▸ Work to be completed:
Search the entries below for the word "construction", then copy each line in which it is found.

%%

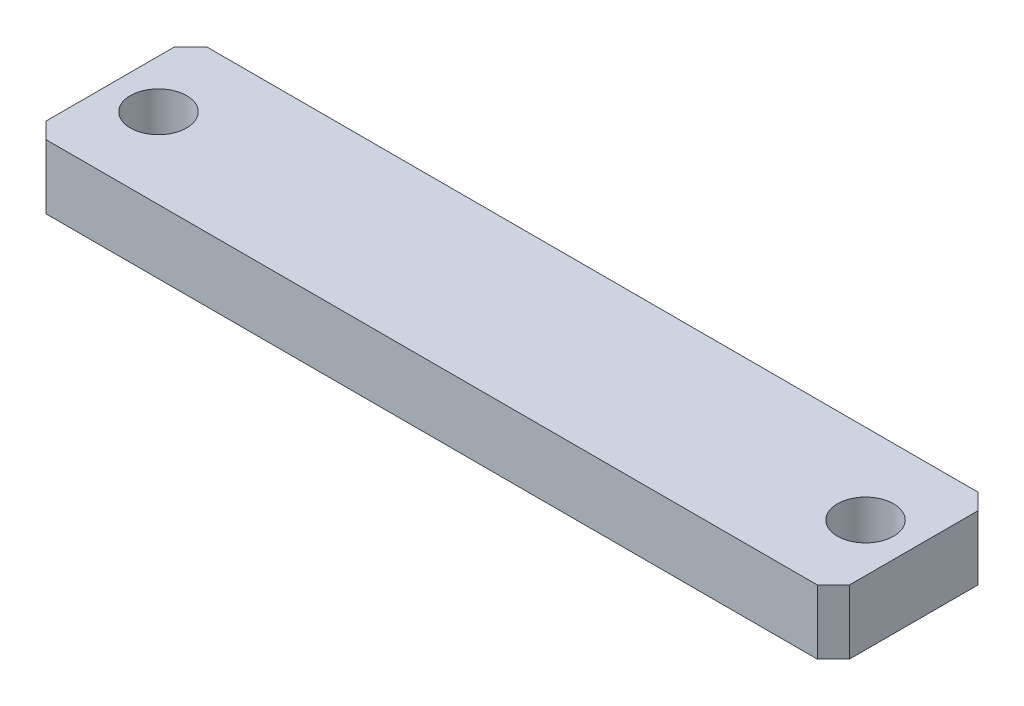
SolidWorks part; units mm, degrees
ref_plane "Front Plane" through (0, 0, 0) normal (0, 0, 1) x (1, 0, 0)
ref_plane "Top Plane" through (0, 0, 0) normal (0, 1, 0) x (1, 0, 0)
ref_plane "Right Plane" through (0, 0, 0) normal (1, 0, 0) x (0, 0, -1)
sketch "Sketch1" plane through (0, 0, 0) normal (0, 1, 0) x (1, 0, 0)
  line L1 (-25, 5) -> (25, 5)
  line L2 (-25, 5) -> (-25, -5)
  line L3 (-25, -5) -> (25, -5)
  line L4 (25, 5) -> (25, -5)
  line L5 (-25, 5) -> (25, -5) construction
  line L6 (-25, -5) -> (25, 5) construction
  point P0 (0, 0)
  dimension "D1" = 50
  dimension "D2" = 10
extrude "Boss-Extrude1" add sketch "Sketch1" along normal mid plane 4
hole_wizard "Ø3.5 (3.5) Diameter Hole1" positions "Sketch3" profile "Sketch2" hole size "Ø3.5" standard "Gb" end condition through all
sketch "Sketch3" plane through (0, 2, 0) normal (0, 1, 0) x (1, 0, 0)
  line L0 (0, 0) -> (0, 12.3226) construction
  line L2 (25, -5) -> (25, 5) construction
  point P0 (-22, 0)
  point P2 (22, 0)
  dimension "D1" = 3
sketch "Sketch2" plane through (-22, 2, 0) normal (1, 0, 0) x (0, 0, 1)
  line L0 (0, 0) -> (0, 4)
  line L1 (0, 4) -> (1.75, 4)
  line L2 (1.75, 4) -> (1.75, 0)
  line L5 (1.75, 0) -> (0, 0)
  line L11 (0, -6.35) -> (0, 107.95) construction
  dimension "通孔孔直径" = 3.5
  dimension "通孔孔深度" = 4
chamfer "Chamfer1" distance 1 angle 45 4 edges at (25, 0, -5) (25, 0, 5) (-25, 0, -5) (-25, 0, 5)
sketch "Sketch4" plane through (0, -2, 0) normal (0, -1, 0) x (1, 0, 0)
  line L1 (-17, 3.5) -> (17, 3.5)
  line L2 (-19, 1.5) -> (-19, -1.5)
  line L3 (-17, -3.5) -> (17, -3.5)
  line L4 (19, 1.5) -> (19, -1.5)
  line L5 (-19, 3.5) -> (19, -3.5) construction
  line L6 (-19, -3.5) -> (19, 3.5) construction
  arc A0 (17, 3.5) -> (19, 1.5) centre (17, 1.5) cw
  arc A1 (19, -1.5) -> (17, -3.5) centre (17, -1.5) cw
  arc A2 (-17, -3.5) -> (-19, -1.5) centre (-17, -1.5) cw
  arc A3 (-17, 3.5) -> (-19, 1.5) centre (-17, 1.5) ccw
  point P0 (0, 0)
  dimension "D3" = 2
  dimension "D1" = 38
  dimension "D2" = 7
extrude "Cut-Extrude1" cut sketch "Sketch4" against normal blind 2

%%

▸ Task answer:
  line L5 (-25, 5) -> (25, -5) construction
  line L6 (-25, -5) -> (25, 5) construction
  line L0 (0, 0) -> (0, 12.3226) construction
  line L2 (25, -5) -> (25, 5) construction
  line L11 (0, -6.35) -> (0, 107.95) construction
  line L5 (-19, 3.5) -> (19, -3.5) construction
  line L6 (-19, -3.5) -> (19, 3.5) construction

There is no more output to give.